» **Material for this task**
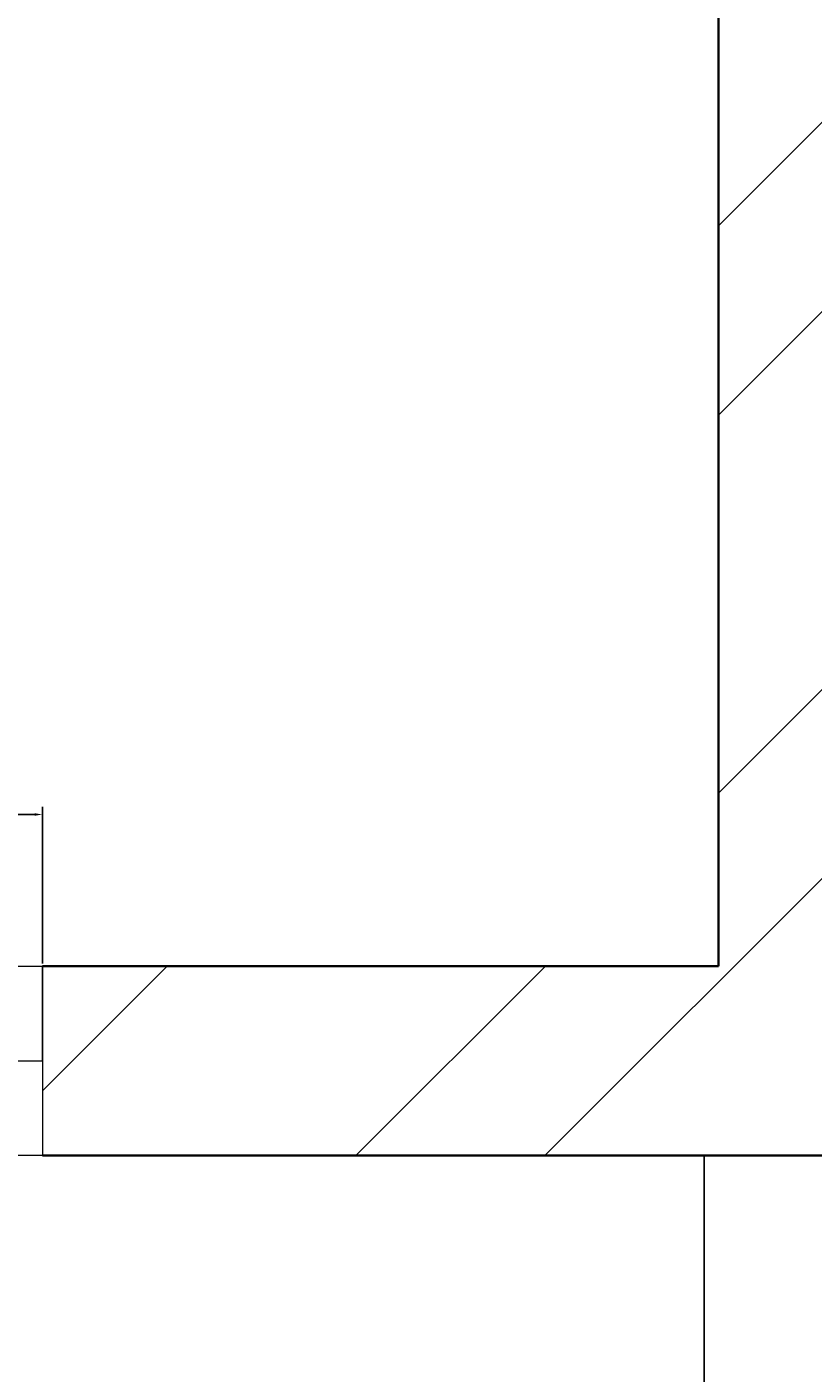
# Model space of a CAD drawing. Units: inches. Extents: x 1885 to 2748, y 783 to 2421.
# Tile 18 of 117: x 2144 to 2163, y 1082 to 1114. Entities that reach past the tile are written whole.
import ezdxf

# ---------------------------------------------------------------- set-up
doc = ezdxf.new("R2010")
doc.units = ezdxf.units.IN
for name, color, linetype, lineweight in [('A-ANNO-DIMS', 2, 'Continuous', 18), ('A-FLOR-BALC', 7, 'Continuous', 25), ('A-GLAZ', 181, 'Continuous', 18), ('A-WALL', 7, 'Continuous', 35)]:
    doc.layers.add(name, color=color, linetype=linetype, lineweight=lineweight)
doc.layers.add('A-WALL-PATT', color=85, linetype='Continuous', lineweight=13, true_color=0x58ba48)
doc.styles.get("Standard").update_dxf_attribs({"font": 'arial.ttf'})
doc.dimstyles.get("Standard").update_dxf_attribs({"dimtxt": 0.18, "dimasz": 0.18, "dimexe": 0.18, "dimexo": 0.0625, "dimgap": 0.09, "dimtad": 0, "dimtih": 1, "dimtoh": 1, "dimdec": 4, "dimzin": 0, "dimdsep": 46, "dimtxsty": 'Standard', "dimcen": 0.09, "dimadec": 0, "dimazin": 0, "dimtfac": 1, "dimtdec": 4, "dimtofl": 0, "dimtmove": 0, "dimatfit": 3, "dimfxl": 1, "dimtolj": 1, "dimtzin": 0, "dimarcsym": 0})

# ---------------------------------------------------------------- blocks, each defined once
blk = doc.blocks.new('WIN-24')
for p, q in [((0.001, 4.496), (0.001, -0.004)), ((0.001, 4.496), (24.001, 4.496)), ((24.001, 2.246), (24.001, 4.496)), ((24.001, 4.496), (24.001, -0.004)), ((0.001, -0.004), (0.001, 2.246)), ((0.001, 2.246), (24.001, 2.246)), ((24.001, -0.004), (0.001, -0.004))]:
    blk.add_line(p, q)
blk = doc.blocks.new('*D23')
at = {"layer": 'A-ANNO-DIMS', "color": 0, "lineweight": -2, "transparency": 16777216}
for p, q in [((2120.221, 1092.068), (2120.221, 1095.786)), ((2144.221, 1092.068), (2144.221, 1095.786)), ((2120.401, 1095.606), (2131.102, 1095.606)), ((2144.041, 1095.606), (2133.339, 1095.606))]:
    blk.add_line(p, q, dxfattribs=at)
at = {"layer": 'A-ANNO-DIMS', "color": 0, "transparency": 16777216}
for points in [[(2120.401, 1095.636), (2120.401, 1095.576), (2120.221, 1095.606)], [(2144.041, 1095.636), (2144.041, 1095.576), (2144.221, 1095.606)]]:
    blk.add_solid(points, dxfattribs=at)
at = {"layer": 'Defpoints', "color": 0, "transparency": 16777216}
for p in [(2144.221, 1095.606), (2120.221, 1092.006), (2144.221, 1092.006)]:
    blk.add_point(p, dxfattribs=at)
at = {"layer": 'A-ANNO-DIMS', "color": 0, "transparency": 16777216, "insert": (2132.221, 1095.606), "char_height": 0.18, "attachment_point": 5}
blk.add_mtext('\\A1;WINDOW 24 TYP.', dxfattribs=at)

msp = doc.modelspace()

# ---------------------------------------------------------------- hatches: boundary and pattern name
at = {"layer": 'A-WALL-PATT'}
h = msp.add_hatch(dxfattribs=at)
h.set_pattern_fill('ANSI32', color=256)
h.paths.add_polyline_path([(2007.772, 2318.006), (1980.774, 2318.006), (1980.774, 2281.215), (1985.274, 2281.215), (1985.274, 2313.506), (2007.772, 2313.506), (2007.772, 2315.756)])
h.paths.add_polyline_path([(2094.324, 2318.006), (2067.772, 2318.006), (2067.772, 2313.506), (2094.324, 2313.506), (2094.324, 2315.756)])
h.paths.add_polyline_path([(2131.367, 2315.756), (2131.367, 2318.006), (2131.189, 2318.006), (2112.609, 2318.006), (2112.609, 2313.506), (2117.274, 2313.506), (2117.274, 2255.201), (2121.774, 2255.201), (2121.774, 2313.506), (2131.367, 2313.506)])
h.paths.add_polyline_path([(2190.512, 2318.006), (2155.367, 2318.006), (2155.367, 2313.506), (2169.774, 2313.506), (2169.774, 2229.506), (2121.774, 2229.506), (2121.774, 2233.451), (2119.524, 2233.451), (2117.274, 2233.451), (2117.274, 2201.101), (2121.774, 2201.101), (2121.774, 2225.006), (2169.774, 2225.006), (2169.774, 2165.006), (2306.274, 2165.006), (2306.274, 2066.006), (2310.774, 2066.006), (2344.274, 2066.006), (2486.274, 2066.006), (2486.274, 1886.006), (2483.02, 1886.006), (2483.02, 1881.506), (2486.274, 1881.506), (2486.274, 1880.678), (2490.774, 1880.678), (2490.774, 2070.506), (2344.274, 2070.506), (2310.774, 2070.506), (2310.774, 2165.006), (2310.774, 2173.636), (2308.524, 2173.636), (2306.274, 2173.636), (2306.274, 2169.506), (2174.274, 2169.506), (2174.274, 2313.506), (2190.512, 2313.506), (2190.512, 2315.756)])
h.paths.add_polyline_path([(1985.274, 2221.215), (1980.774, 2221.215), (1980.774, 2165.006), (1992.774, 2165.006), (1992.774, 2141.927), (1997.274, 2141.927), (1997.274, 2165.006), (2117.274, 2165.006), (2117.274, 2163.126), (2121.774, 2163.126), (2121.774, 2172.734), (2119.524, 2172.734), (2117.274, 2172.734), (2117.274, 2169.506), (1985.274, 2169.506)])
h.paths.add_polyline_path([(1997.274, 2105.927), (1992.774, 2105.927), (1992.774, 2070.506), (2016.774, 2070.506), (2016.774, 2059.123), (2019.024, 2059.123), (2021.274, 2059.123), (2021.274, 2070.506), (2117.274, 2070.506), (2117.274, 2022.506), (2114.423, 2022.506), (2114.423, 2018.006), (2123.627, 2018.006), (2123.627, 2020.256), (2123.627, 2022.506), (2121.774, 2022.506), (2121.774, 2142.587), (2119.524, 2142.587), (2117.274, 2142.587), (2117.274, 2075.006), (1997.274, 2075.006)])
h.paths.add_polyline_path([(2092.029, 2020.256), (2092.029, 2022.506), (2021.274, 2022.506), (2021.274, 2035.123), (2016.774, 2035.123), (2016.774, 2018.006), (2016.774, 1978.784), (2021.274, 1978.784), (2021.274, 2018.006), (2092.029, 2018.006)])
h.paths.add_polyline_path([(2260.938, 2022.506), (2153.105, 2022.506), (2153.105, 2020.256), (2153.105, 2018.006), (2155.274, 2018.006), (2155.274, 1886.006), (2107.629, 1886.006), (2107.629, 1881.506), (2182.911, 1881.506), (2182.911, 1883.756), (2182.911, 1886.006), (2159.774, 1886.006), (2159.774, 2018.006), (2260.938, 2018.006), (2260.938, 2020.256)])
h.paths.add_polyline_path([(2047.629, 1883.756), (2047.629, 1886.006), (2021.274, 1886.006), (2021.274, 1918.784), (2019.024, 1918.784), (2016.774, 1918.784), (2016.774, 1881.506), (2047.629, 1881.506)])
h.paths.add_polyline_path([(2306.361, 1883.756), (2306.361, 1886.006), (2296.274, 1886.006), (2296.274, 1982.006), (2316.535, 1982.006), (2316.535, 1984.256), (2316.535, 1986.506), (2296.274, 1986.506), (2296.274, 2022.506), (2289.276, 2022.506), (2289.276, 2018.006), (2291.774, 2018.006), (2291.774, 1886.006), (2242.911, 1886.006), (2242.911, 1881.506), (2306.361, 1881.506)], flags=17)
h.paths.add_polyline_path([(1985.274, 1843.006), (2021.6, 1843.006), (2021.534, 1845.441), (2021.477, 1847.506), (1980.774, 1847.506), (1980.774, 1809.446), (1985.274, 1809.446)])
h.paths.add_polyline_path([(2131.482, 1845.256), (2131.482, 1847.506), (2081.534, 1847.506), (2081.534, 1843.006), (2117.274, 1843.006), (2117.274, 1784.147), (2119.524, 1784.147), (2121.774, 1784.147), (2121.774, 1843.006), (2131.482, 1843.006)])
h.paths.add_polyline_path([(2203.886, 1847.506), (2155.482, 1847.506), (2155.482, 1843.006), (2169.774, 1843.006), (2169.774, 1759.006), (2121.774, 1759.006), (2121.774, 1761.457), (2117.274, 1761.457), (2117.274, 1730.429), (2121.774, 1730.429), (2121.774, 1754.506), (2177.421, 1754.506), (2177.421, 1756.756), (2177.421, 1759.006), (2174.274, 1759.006), (2174.274, 1843.006), (2203.886, 1843.006)])
h.paths.add_polyline_path([(2335.554, 1845.256), (2335.554, 1847.506), (2239.886, 1847.506), (2239.886, 1843.006), (2306.274, 1843.006), (2306.274, 1759.006), (2199.486, 1759.006), (2199.486, 1754.506), (2310.774, 1754.506), (2310.774, 1843.006), (2335.554, 1843.006)])
h.paths.add_polyline_path([(2348.774, 2022.506), (2344.274, 2022.506), (2344.274, 1986.506), (2341.681, 1986.506), (2341.681, 1982.006), (2344.274, 1982.006), (2344.274, 1886.006), (2330.361, 1886.006), (2330.361, 1881.506), (2361.627, 1881.506), (2361.627, 1883.756), (2361.627, 1886.006), (2348.774, 1886.006)], flags=17)
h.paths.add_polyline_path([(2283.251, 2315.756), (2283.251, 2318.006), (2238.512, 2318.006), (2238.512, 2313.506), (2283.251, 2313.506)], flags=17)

» **What needs to be done**
Write out exactly and only the lines that run from the start of the data above through the line containing "blk = doc.blocks.new('WIN-24')", leaving the pictures out.

» **Response to this task**
# Model space of a CAD drawing. Units: inches. Extents: x 1885 to 2748, y 783 to 2421.
# Tile 18 of 117: x 2144 to 2163, y 1082 to 1114. Entities that reach past the tile are written whole.
import ezdxf

# ---------------------------------------------------------------- set-up
doc = ezdxf.new("R2010")
doc.units = ezdxf.units.IN
for name, color, linetype, lineweight in [('A-ANNO-DIMS', 2, 'Continuous', 18), ('A-FLOR-BALC', 7, 'Continuous', 25), ('A-GLAZ', 181, 'Continuous', 18), ('A-WALL', 7, 'Continuous', 35)]:
    doc.layers.add(name, color=color, linetype=linetype, lineweight=lineweight)
doc.layers.add('A-WALL-PATT', color=85, linetype='Continuous', lineweight=13, true_color=0x58ba48)
doc.styles.get("Standard").update_dxf_attribs({"font": 'arial.ttf'})
doc.dimstyles.get("Standard").update_dxf_attribs({"dimtxt": 0.18, "dimasz": 0.18, "dimexe": 0.18, "dimexo": 0.0625, "dimgap": 0.09, "dimtad": 0, "dimtih": 1, "dimtoh": 1, "dimdec": 4, "dimzin": 0, "dimdsep": 46, "dimtxsty": 'Standard', "dimcen": 0.09, "dimadec": 0, "dimazin": 0, "dimtfac": 1, "dimtdec": 4, "dimtofl": 0, "dimtmove": 0, "dimatfit": 3, "dimfxl": 1, "dimtolj": 1, "dimtzin": 0, "dimarcsym": 0})

# ---------------------------------------------------------------- blocks, each defined once
blk = doc.blocks.new('WIN-24')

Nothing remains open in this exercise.